[Data records]

[Start of section]

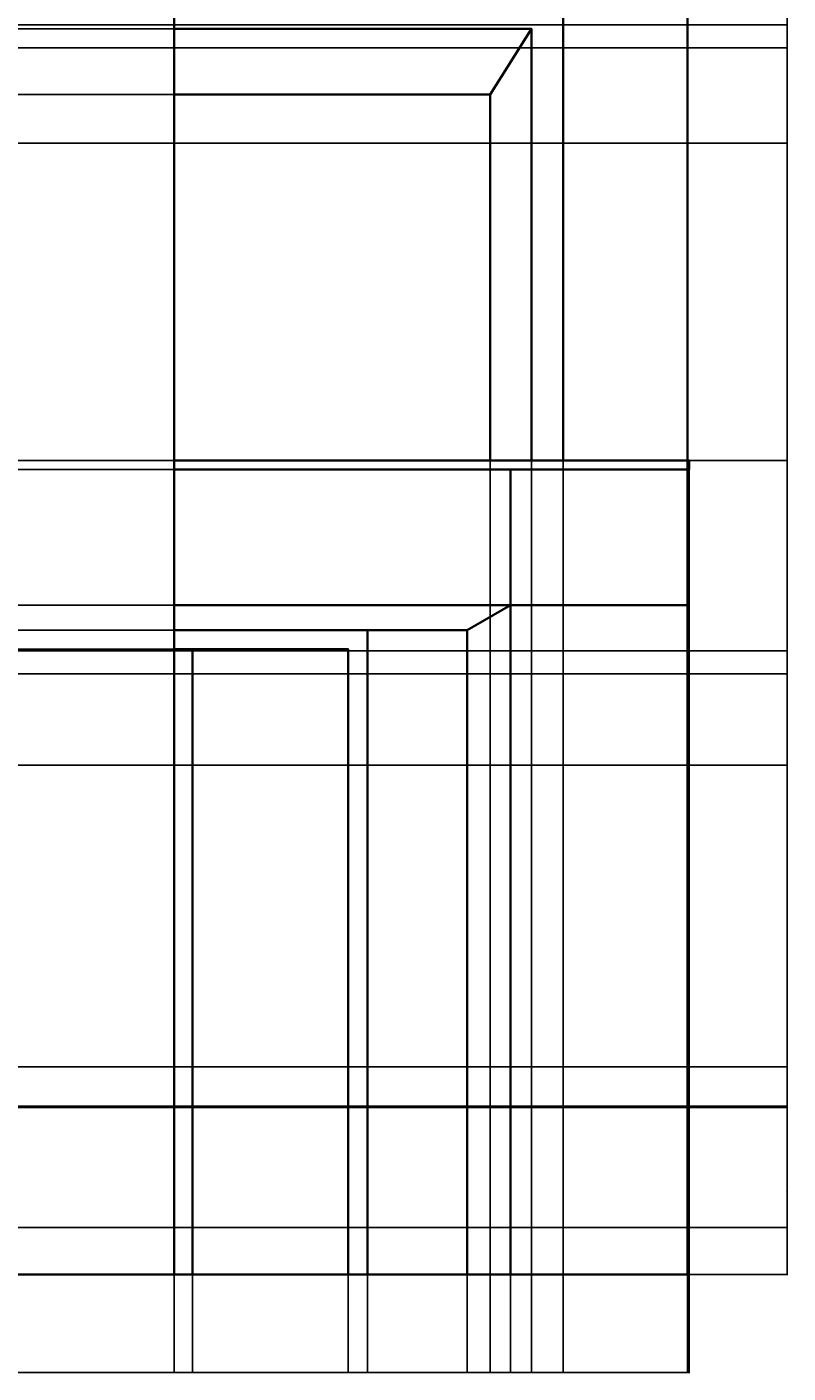
# Model space of a CAD drawing. Units: feet. Extents: x 4092 to 5585, y 725 to 1390.
# Tile 6 of 7: x 5346 to 5585, y 725 to 1146. Entities that reach past the tile are written whole.
import ezdxf

# ---------------------------------------------------------------- set-up
doc = ezdxf.new("R2010")
doc.units = ezdxf.units.FT
doc.layers.add('A-ANNO-DIMS', color=2, linetype='Continuous', lineweight=18)
doc.layers.add('A-ELEV', color=7, linetype='Continuous', lineweight=35)
doc.styles.get("Standard").update_dxf_attribs({"font": 'arial.ttf'})
doc.dimstyles.get("Standard").update_dxf_attribs({"dimtxt": 0.18, "dimasz": 0.18, "dimexe": 0.18, "dimexo": 0.0625, "dimgap": 0.09, "dimtad": 0, "dimtih": 1, "dimtoh": 1, "dimdec": 1, "dimzin": 0, "dimdsep": 46, "dimlunit": 3, "dimtxsty": 'Standard', "dimcen": 0.09, "dimadec": 0, "dimazin": 0, "dimtfac": 1, "dimtdec": 1, "dimtofl": 0, "dimtmove": 0, "dimatfit": 3, "dimfxl": 1, "dimtolj": 1, "dimtzin": 0, "dimarcsym": 0})

# ---------------------------------------------------------------- blocks, each defined once
blk = doc.blocks.new('*D4')
at = {"layer": 'A-ANNO-DIMS', "color": 0, "lineweight": -2, "transparency": 16777216}
for p, q in [((4953.29, 755.89), (4953.29, 725.07)), ((5553.29, 755.89), (5553.29, 725.07)), ((4953.47, 725.25), (5253, 725.25)), ((5553.11, 725.25), (5253.58, 725.25))]:
    blk.add_line(p, q, dxfattribs=at)
at = {"layer": 'A-ANNO-DIMS', "color": 0, "transparency": 16777216}
for points in [[(4953.47, 725.28), (4953.47, 725.22), (4953.29, 725.25)], [(5553.11, 725.28), (5553.11, 725.22), (5553.29, 725.25)]]:
    blk.add_solid(points, dxfattribs=at)
at = {"layer": 'Defpoints', "color": 0, "transparency": 16777216}
for p in [(4953.29, 755.95), (5553.29, 755.95), (5553.29, 725.25)]:
    blk.add_point(p, dxfattribs=at)
at = {"layer": 'A-ANNO-DIMS', "color": 0, "transparency": 16777216, "insert": (5253.29, 725.25), "char_height": 0.18, "attachment_point": 5}
blk.add_mtext('\\A1;600', dxfattribs=at)
blk = doc.blocks.new('*D5')
at = {"layer": 'A-ANNO-DIMS', "color": 0, "lineweight": -2, "transparency": 16777216}
for p, q in [((5264.26, 1358.97), (5584.71, 1358.97)), ((5584.53, 1358.79), (5584.53, 1057.64)), ((5584.53, 756.13), (5584.53, 1057.28)), ((5553.36, 755.95), (5584.71, 755.95))]:
    blk.add_line(p, q, dxfattribs=at)
at = {"layer": 'A-ANNO-DIMS', "color": 0, "transparency": 16777216}
for points in [[(5584.5, 1358.79), (5584.56, 1358.79), (5584.53, 1358.97)], [(5584.5, 756.13), (5584.56, 756.13), (5584.53, 755.95)]]:
    blk.add_solid(points, dxfattribs=at)
at = {"layer": 'Defpoints', "color": 0, "transparency": 16777216}
for p in [(5264.2, 1358.97), (5584.53, 1358.97), (5553.29, 755.95)]:
    blk.add_point(p, dxfattribs=at)
at = {"layer": 'A-ANNO-DIMS', "color": 0, "transparency": 16777216, "insert": (5584.53, 1057.46), "char_height": 0.18, "attachment_point": 5}
blk.add_mtext('\\A1;603', dxfattribs=at)
blk = doc.blocks.new('*D33')
at = {"layer": 'A-ANNO-DIMS', "color": 0, "lineweight": -2, "transparency": 16777216}
for p, q in [((5153.4, 808.21), (5584.71, 808.21)), ((5584.53, 808.03), (5584.53, 782.26)), ((5584.53, 756.13), (5584.53, 781.9)), ((5153.4, 755.95), (5584.71, 755.95))]:
    blk.add_line(p, q, dxfattribs=at)
at = {"layer": 'A-ANNO-DIMS', "color": 0, "transparency": 16777216}
for points in [[(5584.5, 808.03), (5584.56, 808.03), (5584.53, 808.21)], [(5584.5, 756.13), (5584.56, 756.13), (5584.53, 755.95)]]:
    blk.add_solid(points, dxfattribs=at)
at = {"layer": 'Defpoints', "color": 0, "transparency": 16777216}
for p in [(5153.34, 808.21), (5584.53, 808.21), (5153.34, 755.95)]:
    blk.add_point(p, dxfattribs=at)
at = {"layer": 'A-ANNO-DIMS', "color": 0, "transparency": 16777216, "insert": (5584.53, 782.08), "char_height": 0.18, "attachment_point": 5}
blk.add_mtext('\\A1;52.27', dxfattribs=at)
blk = doc.blocks.new('*D34')
at = {"layer": 'A-ANNO-DIMS', "color": 0, "lineweight": -2, "transparency": 16777216}
for p, q in [((5153.4, 915.42), (5584.71, 915.42)), ((5584.53, 915.24), (5584.53, 862)), ((5584.53, 808.39), (5584.53, 861.63)), ((5153.4, 808.21), (5584.71, 808.21))]:
    blk.add_line(p, q, dxfattribs=at)
at = {"layer": 'A-ANNO-DIMS', "color": 0, "transparency": 16777216}
for points in [[(5584.5, 915.24), (5584.56, 915.24), (5584.53, 915.42)], [(5584.5, 808.39), (5584.56, 808.39), (5584.53, 808.21)]]:
    blk.add_solid(points, dxfattribs=at)
at = {"layer": 'Defpoints', "color": 0, "transparency": 16777216}
for p in [(5153.34, 915.42), (5584.53, 915.42), (5153.34, 808.21)]:
    blk.add_point(p, dxfattribs=at)
at = {"layer": 'A-ANNO-DIMS', "color": 0, "transparency": 16777216, "insert": (5584.53, 861.82), "char_height": 0.18, "attachment_point": 5}
blk.add_mtext('\\A1;107.2', dxfattribs=at)
blk = doc.blocks.new('*D35')
at = {"layer": 'A-ANNO-DIMS', "color": 0, "lineweight": -2, "transparency": 16777216}
for p, q in [((5153.4, 944.01), (5584.71, 944.01)), ((5584.53, 943.83), (5584.53, 929.9)), ((5584.53, 915.6), (5584.53, 929.53)), ((5153.4, 915.42), (5584.71, 915.42))]:
    blk.add_line(p, q, dxfattribs=at)
at = {"layer": 'A-ANNO-DIMS', "color": 0, "transparency": 16777216}
for points in [[(5584.5, 943.83), (5584.56, 943.83), (5584.53, 944.01)], [(5584.5, 915.6), (5584.56, 915.6), (5584.53, 915.42)]]:
    blk.add_solid(points, dxfattribs=at)
at = {"layer": 'Defpoints', "color": 0, "transparency": 16777216}
for p in [(5153.34, 944.01), (5584.53, 944.01), (5153.34, 915.42)]:
    blk.add_point(p, dxfattribs=at)
at = {"layer": 'A-ANNO-DIMS', "color": 0, "transparency": 16777216, "insert": (5584.53, 929.71), "char_height": 0.18, "attachment_point": 5}
blk.add_mtext('\\A1;28.59', dxfattribs=at)
blk = doc.blocks.new('*D36')
at = {"layer": 'A-ANNO-DIMS', "color": 0, "lineweight": -2, "transparency": 16777216}
for p, q in [((5160.6, 951.2), (5584.71, 951.2)), ((5584.53, 951.02), (5584.53, 947.79)), ((5153.4, 944.01), (5584.71, 944.01)), ((5584.53, 944.19), (5584.53, 947.42))]:
    blk.add_line(p, q, dxfattribs=at)
at = {"layer": 'A-ANNO-DIMS', "color": 0, "transparency": 16777216}
for points in [[(5584.5, 951.02), (5584.56, 951.02), (5584.53, 951.2)], [(5584.5, 944.19), (5584.56, 944.19), (5584.53, 944.01)]]:
    blk.add_solid(points, dxfattribs=at)
at = {"layer": 'Defpoints', "color": 0, "transparency": 16777216}
for p in [(5160.53, 951.2), (5584.53, 951.2), (5153.34, 944.01)]:
    blk.add_point(p, dxfattribs=at)
at = {"layer": 'A-ANNO-DIMS', "color": 0, "transparency": 16777216, "insert": (5584.53, 947.61), "char_height": 0.18, "attachment_point": 5}
blk.add_mtext('\\A1;7.194', dxfattribs=at)
blk = doc.blocks.new('*D37')
at = {"layer": 'A-ANNO-DIMS', "color": 0, "lineweight": -2, "transparency": 16777216}
for p, q in [((5094.36, 770.68), (5584.71, 770.68)), ((5584.53, 770.5), (5584.53, 763.5)), ((5584.53, 756.13), (5584.53, 763.13)), ((5057.45, 755.95), (5584.71, 755.95))]:
    blk.add_line(p, q, dxfattribs=at)
at = {"layer": 'A-ANNO-DIMS', "color": 0, "transparency": 16777216}
for points in [[(5584.5, 770.5), (5584.56, 770.5), (5584.53, 770.68)], [(5584.5, 756.13), (5584.56, 756.13), (5584.53, 755.95)]]:
    blk.add_solid(points, dxfattribs=at)
at = {"layer": 'Defpoints', "color": 0, "transparency": 16777216}
for p in [(5094.3, 770.68), (5584.53, 770.68), (5057.39, 755.95)]:
    blk.add_point(p, dxfattribs=at)
at = {"layer": 'A-ANNO-DIMS', "color": 0, "transparency": 16777216, "insert": (5584.53, 763.31), "char_height": 0.18, "attachment_point": 5}
blk.add_mtext('\\A1;14.73', dxfattribs=at)
blk = doc.blocks.new('*D38')
at = {"layer": 'A-ANNO-DIMS', "color": 0, "lineweight": -2, "transparency": 16777216}
for p, q in [((5094.36, 808.65), (5584.71, 808.65)), ((5584.53, 808.47), (5584.53, 789.85)), ((5584.53, 770.86), (5584.53, 789.48)), ((5094.36, 770.68), (5584.71, 770.68))]:
    blk.add_line(p, q, dxfattribs=at)
at = {"layer": 'A-ANNO-DIMS', "color": 0, "transparency": 16777216}
for points in [[(5584.5, 808.47), (5584.56, 808.47), (5584.53, 808.65)], [(5584.5, 770.86), (5584.56, 770.86), (5584.53, 770.68)]]:
    blk.add_solid(points, dxfattribs=at)
at = {"layer": 'Defpoints', "color": 0, "transparency": 16777216}
for p in [(5094.3, 808.65), (5584.53, 808.65), (5094.3, 770.68)]:
    blk.add_point(p, dxfattribs=at)
at = {"layer": 'A-ANNO-DIMS', "color": 0, "transparency": 16777216, "insert": (5584.53, 789.67), "char_height": 0.18, "attachment_point": 5}
blk.add_mtext('\\A1;37.97', dxfattribs=at)
blk = doc.blocks.new('*D57')
at = {"layer": 'A-ANNO-DIMS', "color": 0, "lineweight": -2, "transparency": 16777216}
for p, q in [((5153.4, 1110.12), (5584.71, 1110.12)), ((5584.53, 1109.94), (5584.53, 1060.64)), ((5584.53, 1010.97), (5584.53, 1060.27)), ((5185.39, 1010.79), (5584.71, 1010.79))]:
    blk.add_line(p, q, dxfattribs=at)
at = {"layer": 'A-ANNO-DIMS', "color": 0, "transparency": 16777216}
for points in [[(5584.5, 1109.94), (5584.56, 1109.94), (5584.53, 1110.12)], [(5584.5, 1010.97), (5584.56, 1010.97), (5584.53, 1010.79)]]:
    blk.add_solid(points, dxfattribs=at)
at = {"layer": 'Defpoints', "color": 0, "transparency": 16777216}
for p in [(5153.34, 1110.12), (5584.53, 1110.12), (5185.33, 1010.79)]:
    blk.add_point(p, dxfattribs=at)
at = {"layer": 'A-ANNO-DIMS', "color": 0, "transparency": 16777216, "insert": (5584.53, 1060.45), "char_height": 0.18, "attachment_point": 5}
blk.add_mtext('\\A1;99.33', dxfattribs=at)
blk = doc.blocks.new('*D58')
at = {"layer": 'A-ANNO-DIMS', "color": 0, "lineweight": -2, "transparency": 16777216}
for p, q in [((5153.4, 1139.88), (5584.71, 1139.88)), ((5584.53, 1139.7), (5584.53, 1125.18)), ((5584.53, 1110.3), (5584.53, 1124.82)), ((5153.4, 1110.12), (5584.71, 1110.12))]:
    blk.add_line(p, q, dxfattribs=at)
at = {"layer": 'A-ANNO-DIMS', "color": 0, "transparency": 16777216}
for points in [[(5584.5, 1139.7), (5584.56, 1139.7), (5584.53, 1139.88)], [(5584.5, 1110.3), (5584.56, 1110.3), (5584.53, 1110.12)]]:
    blk.add_solid(points, dxfattribs=at)
at = {"layer": 'Defpoints', "color": 0, "transparency": 16777216}
for p in [(5153.34, 1139.88), (5584.53, 1139.88), (5153.34, 1110.12)]:
    blk.add_point(p, dxfattribs=at)
at = {"layer": 'A-ANNO-DIMS', "color": 0, "transparency": 16777216, "insert": (5584.53, 1125), "char_height": 0.18, "attachment_point": 5}
blk.add_mtext('\\A1;29.76', dxfattribs=at)
blk = doc.blocks.new('*D59')
at = {"layer": 'A-ANNO-DIMS', "color": 0, "lineweight": -2, "transparency": 16777216}
for p, q in [((5185.39, 1147.07), (5584.71, 1147.07)), ((5584.53, 1146.89), (5584.53, 1143.66)), ((5584.53, 1140.06), (5584.53, 1143.3)), ((5153.4, 1139.88), (5584.71, 1139.88))]:
    blk.add_line(p, q, dxfattribs=at)
at = {"layer": 'A-ANNO-DIMS', "color": 0, "transparency": 16777216}
for points in [[(5584.5, 1146.89), (5584.56, 1146.89), (5584.53, 1147.07)], [(5584.5, 1140.06), (5584.56, 1140.06), (5584.53, 1139.88)]]:
    blk.add_solid(points, dxfattribs=at)
at = {"layer": 'Defpoints', "color": 0, "transparency": 16777216}
for p in [(5185.33, 1147.07), (5584.53, 1147.07), (5153.34, 1139.88)]:
    blk.add_point(p, dxfattribs=at)
at = {"layer": 'A-ANNO-DIMS', "color": 0, "transparency": 16777216, "insert": (5584.53, 1143.48), "char_height": 0.18, "attachment_point": 5}
blk.add_mtext('\\A1;7.194', dxfattribs=at)
blk = doc.blocks.new('*D64')
at = {"layer": 'A-ANNO-DIMS', "color": 0, "lineweight": -2, "transparency": 16777216}
for p, q in [((5285.79, 755.89), (5285.79, 725.07)), ((5392.55, 755.89), (5392.55, 725.07)), ((5285.97, 725.25), (5338.72, 725.25)), ((5392.37, 725.25), (5339.63, 725.25))]:
    blk.add_line(p, q, dxfattribs=at)
at = {"layer": 'A-ANNO-DIMS', "color": 0, "transparency": 16777216}
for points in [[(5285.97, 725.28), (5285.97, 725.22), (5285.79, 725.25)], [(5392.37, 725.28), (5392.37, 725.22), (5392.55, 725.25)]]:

[End of section]

Starting with the line with "import ezdxf" above and going on through the line with "color=2, linetype='Continuous', lineweight=18)", transcribe every line exactly, both ends included, and add nothing.

import ezdxf

# ---------------------------------------------------------------- set-up
doc = ezdxf.new("R2010")
doc.units = ezdxf.units.FT
doc.layers.add('A-ANNO-DIMS', color=2, linetype='Continuous', lineweight=18)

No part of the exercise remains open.